> Instructions to follow
Copy every line that contains the string "project" from the entries below.

(Dataset items)
——

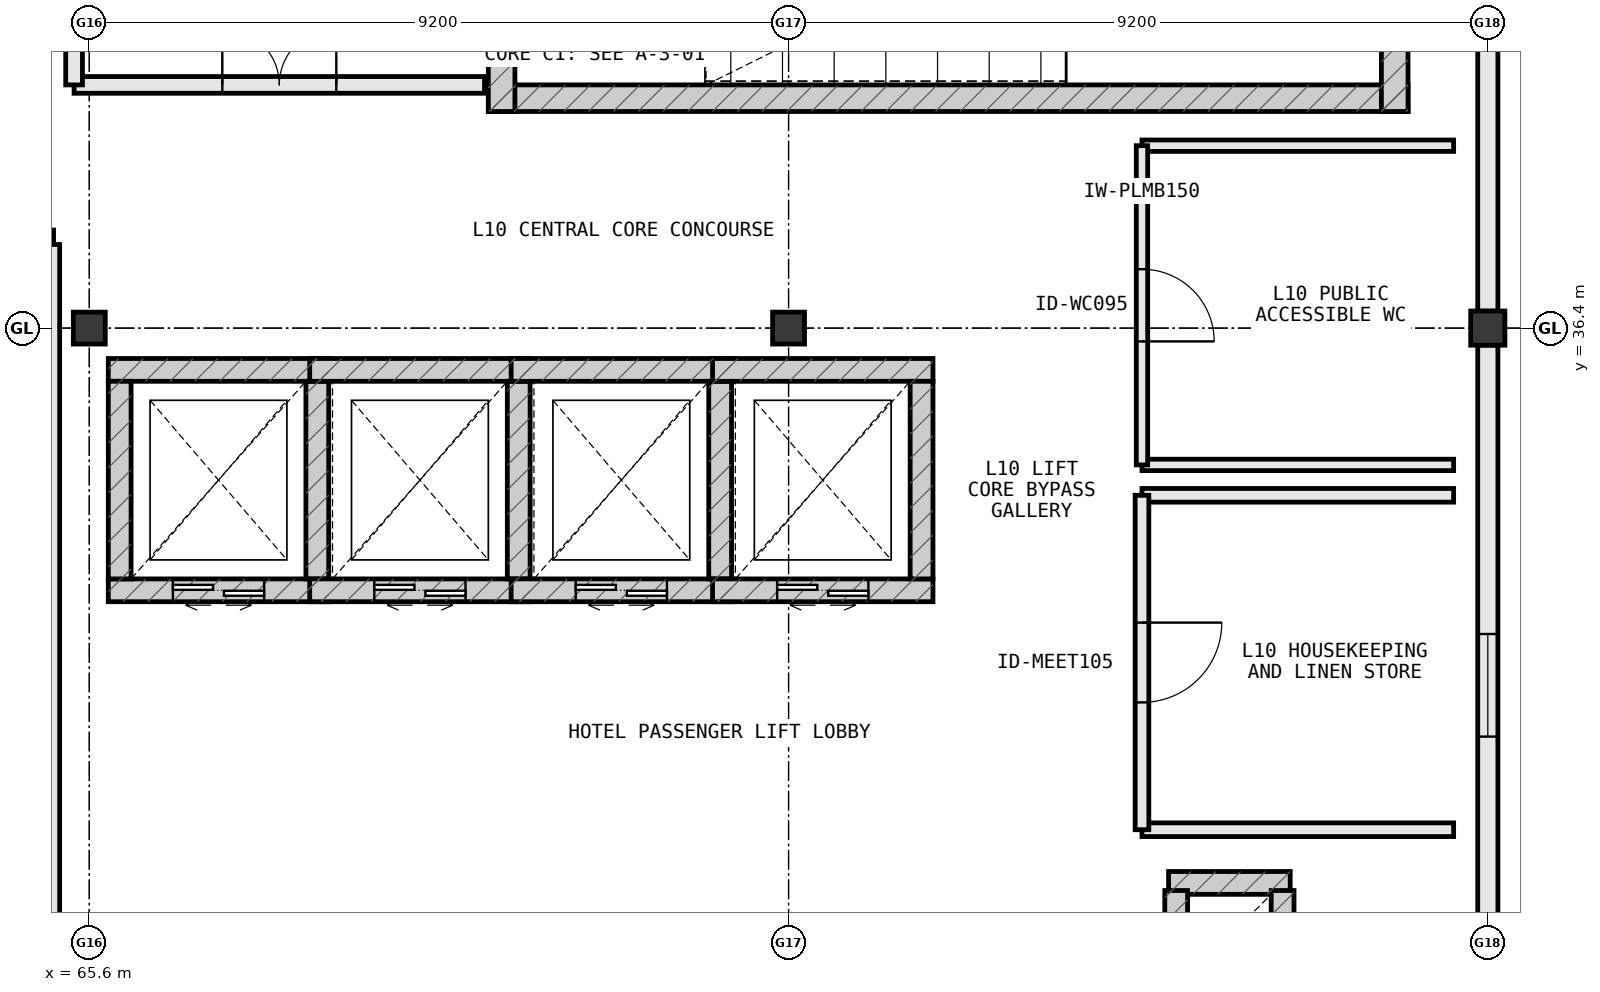
"""IFC4 building model, lengths in metres.
Left out: names, types, materials, properties, quantities, classifications, styles, units other than length and angle.
Written with IfcOpenShell. Run it as: python <this file> out.ifc"""

import sys

from ifc_helpers import new_model, si_unit, direction, frame, frame_2d, origin, origin_2d, place, context, subcontext, project, spatial, rectangle, extrude, element, fill, save


model = new_model("IFC4")
c1 = context("Model", 3, precision=1e-05, world=origin(), true_north=direction((0.0, 1.0)))
c2 = subcontext(c1, "Body", "Model", "MODEL_VIEW")
j1 = project(units=[si_unit("LENGTHUNIT", "METRE"), si_unit("PLANEANGLEUNIT", "RADIAN")], contexts=[c1])
p1 = place(None, origin())
s1 = spatial("IfcSite", under=j1, at=p1, CompositionType="ELEMENT")
p2 = place(p1, origin())
s2 = spatial("IfcBuilding", under=s1, at=p2, CompositionType="ELEMENT")
p3 = place(p2, frame((0.0, 0.0, 42.8)))
s3 = spatial("IfcBuildingStorey", under=s2, at=p3, CompositionType="ELEMENT", Elevation=42.8)
p4 = place(p3, frame((74.8, 36.4, 0.0), z_axis=(0.0, 0.0, 1.0), x_axis=(1.0, 0.0, 0.0)))
e1 = element("IfcColumn", 1, at=p4, inside=s3, PredefinedType="COLUMN", context=c2, shape_type="SweptSolid", body=[
    extrude(rectangle(XDim=0.42, YDim=0.42, at=origin_2d()), origin(), (0.0, 0.0, 1.0), 3.8),
])
p5 = place(p3, frame((84.0, 36.4, 0.0), z_axis=(0.0, 0.0, 1.0), x_axis=(1.0, 0.0, 0.0)))
e2 = element("IfcColumn", 2, at=p5, inside=s3, PredefinedType="COLUMN", context=c2, shape_type="SweptSolid", body=[
    extrude(rectangle(XDim=0.45, YDim=0.45, at=origin_2d()), origin(), (0.0, 0.0, 1.0), 3.8),
])
p6 = place(p3, frame((65.6, 36.4, 0.0), z_axis=(0.0, 0.0, 1.0), x_axis=(1.0, 0.0, 0.0)))
e3 = element("IfcColumn", 3, at=p6, inside=s3, PredefinedType="COLUMN", context=c2, shape_type="SweptSolid", body=[
    extrude(rectangle(XDim=0.42, YDim=0.42, at=origin_2d()), origin(), (0.0, 0.0, 1.0), 3.8),
])
p7 = place(p3, frame((81.4, 29.1, 0.0), z_axis=(0.0, 0.0, 1.0), x_axis=(-1.0, 0.0, 0.0)))
e4 = element("IfcWall", 4, at=p7, inside=s3, PredefinedType="SHEAR", context=c2, shape_type="SweptSolid", body=[
    extrude(rectangle(XDim=1.6, YDim=0.3, at=frame_2d((0.8, 0.0))), origin(), (0.0, 0.0, 1.0), 3.54),
])
for number, where, z_axis, x_axis in (
    (5, (79.9, 29.0, 0.0), (0.0, 0.0, 1.0), (0.0, -1.0, 0.0)),
    (6, (81.3, 27.8, 0.0), (0.0, 0.0, 1.0), (0.0, 1.0, 0.0)),
):
    element("IfcWall", number, at=place(p3, frame(where, z_axis=z_axis, x_axis=x_axis)), inside=s3, PredefinedType="SHEAR", context=c2, shape_type="SweptSolid", body=[
        extrude(rectangle(XDim=1.2, YDim=0.3, at=frame_2d((0.6, 0.0))), origin(), (0.0, 0.0, 1.0), 3.54),
    ])
p8 = place(p3, frame((84.0, 27.223, 0.0), z_axis=(0.0, 0.0, 1.0), x_axis=(0.0, 1.0, 0.0)))
e7 = element("IfcWall", 7, at=p8, inside=s3, PredefinedType="STANDARD", context=c2, shape_type="SweptSolid", body=[
    extrude(rectangle(XDim=8.954, YDim=0.265, at=frame_2d((4.477, 0.0))), origin(), (0.0, 0.0, 1.0), 2.955),
])
p9 = place(p8, frame((3.802, 0.0, 0.85)))
e8 = element("IfcOpeningElement", 8, at=p9, cuts=e7, PredefinedType="OPENING", context=c2, shape_type="SweptSolid", body=[
    extrude(rectangle(XDim=1.35, YDim=1.65, at=frame_2d((0.675, 0.825))), frame((0.0, 0.145, 0.0), z_axis=(0.0, -1.0, 0.0), x_axis=(1.0, 0.0, 0.0)), (0.0, 0.0, 1.0), 0.289),
])
p10 = place(p3, frame((84.0, 36.623, 0.0), z_axis=(0.0, 0.0, 1.0), x_axis=(0.0, 1.0, 0.0)))
e9 = element("IfcWall", 9, at=p10, inside=s3, PredefinedType="STANDARD", context=c2, shape_type="SweptSolid", body=[
    extrude(rectangle(XDim=10.354, YDim=0.265, at=frame_2d((5.177, 0.0))), origin(), (0.0, 0.0, 1.0), 2.955),
])
p11 = place(p10, frame((7.091, 0.0, 0.85)))
e10 = element("IfcOpeningElement", 10, at=p11, cuts=e9, PredefinedType="OPENING", context=c2, shape_type="SweptSolid", body=[
    extrude(rectangle(XDim=1.35, YDim=1.65, at=frame_2d((0.675, 0.825))), frame((0.0, 0.145, 0.0), z_axis=(0.0, -1.0, 0.0), x_axis=(1.0, 0.0, 0.0)), (0.0, 0.0, 1.0), 0.289),
])
p12 = place(p3, frame((70.85, 39.425, 0.0), z_axis=(0.0, 0.0, 1.0), x_axis=(1.0, 0.0, 0.0)))
e11 = element("IfcWall", 11, at=p12, inside=s3, PredefinedType="SHEAR", context=c2, shape_type="SweptSolid", body=[
    extrude(rectangle(XDim=12.1, YDim=0.35, at=frame_2d((6.05, 0.0))), origin(), (0.0, 0.0, 1.0), 3.8),
])
p13 = place(p3, frame((82.775, 39.25, 0.0), z_axis=(0.0, 0.0, 1.0), x_axis=(0.0, 1.0, 0.0)))
e12 = element("IfcWall", 12, at=p13, inside=s3, PredefinedType="SHEAR", context=c2, shape_type="SweptSolid", body=[
    extrude(rectangle(XDim=5.1, YDim=0.35, at=frame_2d((2.55, 0.0))), origin(), (0.0, 0.0, 1.0), 3.8),
])
p14 = place(p3, frame((71.025, 44.35, 0.0), z_axis=(0.0, 0.0, 1.0), x_axis=(0.0, -1.0, 0.0)))
e13 = element("IfcWall", 13, at=p14, inside=s3, PredefinedType="SHEAR", context=c2, shape_type="SweptSolid", body=[
    extrude(rectangle(XDim=5.1, YDim=0.35, at=frame_2d((2.55, 0.0))), origin(), (0.0, 0.0, 1.0), 3.8),
])
p15 = place(p14, frame((2.0, 0.0, 0.0)))
e14 = element("IfcOpeningElement", 14, at=p15, cuts=e13, PredefinedType="OPENING", context=c2, shape_type="SweptSolid", body=[
    extrude(rectangle(XDim=1.1, YDim=2.2, at=frame_2d((0.55, 1.1))), frame((0.0, 0.187, 0.0), z_axis=(0.0, -1.0, 0.0), x_axis=(1.0, 0.0, 0.0)), (0.0, 0.0, 1.0), 0.374),
])
p16 = place(p3, frame((65.85, 32.95, 0.0), z_axis=(0.0, 0.0, 1.0), x_axis=(1.0, 0.0, 0.0)))
e15 = element("IfcWall", 15, at=p16, inside=s3, PredefinedType="SHEAR", context=c2, shape_type="SweptSolid", body=[
    extrude(rectangle(XDim=2.9, YDim=0.3, at=frame_2d((1.45, 0.0))), origin(), (0.0, 0.0, 1.0), 3.8),
])
p17 = place(p16, frame((0.85, 0.0, 0.0)))
e16 = element("IfcOpeningElement", 16, at=p17, cuts=e15, PredefinedType="OPENING", context=c2, shape_type="SweptSolid", body=[
    extrude(rectangle(XDim=1.2, YDim=2.2, at=frame_2d((0.6, 1.1))), frame((0.0, 0.162, 0.0), z_axis=(0.0, -1.0, 0.0), x_axis=(1.0, 0.0, 0.0)), (0.0, 0.0, 1.0), 0.324),
])
p18 = place(p3, frame((68.75, 35.85, 0.0), z_axis=(0.0, 0.0, 1.0), x_axis=(-1.0, 0.0, 0.0)))
e17 = element("IfcWall", 17, at=p18, inside=s3, PredefinedType="SHEAR", context=c2, shape_type="SweptSolid", body=[
    extrude(rectangle(XDim=2.9, YDim=0.3, at=frame_2d((1.45, 0.0))), origin(), (0.0, 0.0, 1.0), 3.8),
])
for number, where, z_axis, x_axis in (
    (18, (68.6, 33.1, 0.0), (0.0, 0.0, 1.0), (0.0, 1.0, 0.0)),
    (19, (66.0, 35.7, 0.0), (0.0, 0.0, 1.0), (0.0, -1.0, 0.0)),
):
    element("IfcWall", number, at=place(p3, frame(where, z_axis=z_axis, x_axis=x_axis)), inside=s3, PredefinedType="SHEAR", context=c2, shape_type="SweptSolid", body=[
        extrude(rectangle(XDim=2.6, YDim=0.3, at=frame_2d((1.3, 0.0))), origin(), (0.0, 0.0, 1.0), 3.8),
    ])
p19 = place(p3, frame((68.5, 32.95, 0.0), z_axis=(0.0, 0.0, 1.0), x_axis=(1.0, 0.0, 0.0)))
e20 = element("IfcWall", 20, at=p19, inside=s3, PredefinedType="SHEAR", context=c2, shape_type="SweptSolid", body=[
    extrude(rectangle(XDim=2.9, YDim=0.3, at=frame_2d((1.45, 0.0))), origin(), (0.0, 0.0, 1.0), 3.8),
])
p20 = place(p19, frame((0.85, 0.0, 0.0)))
e21 = element("IfcOpeningElement", 21, at=p20, cuts=e20, PredefinedType="OPENING", context=c2, shape_type="SweptSolid", body=[
    extrude(rectangle(XDim=1.2, YDim=2.2, at=frame_2d((0.6, 1.1))), frame((0.0, 0.162, 0.0), z_axis=(0.0, -1.0, 0.0), x_axis=(1.0, 0.0, 0.0)), (0.0, 0.0, 1.0), 0.324),
])
p21 = place(p3, frame((71.4, 35.85, 0.0), z_axis=(0.0, 0.0, 1.0), x_axis=(-1.0, 0.0, 0.0)))
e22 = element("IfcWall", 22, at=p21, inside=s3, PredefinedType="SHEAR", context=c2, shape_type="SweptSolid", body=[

——

> Result of this exercise
from ifc_helpers import new_model, si_unit, direction, frame, frame_2d, origin, origin_2d, place, context, subcontext, project, spatial, rectangle, extrude, element, fill, save
j1 = project(units=[si_unit("LENGTHUNIT", "METRE"), si_unit("PLANEANGLEUNIT", "RADIAN")], contexts=[c1])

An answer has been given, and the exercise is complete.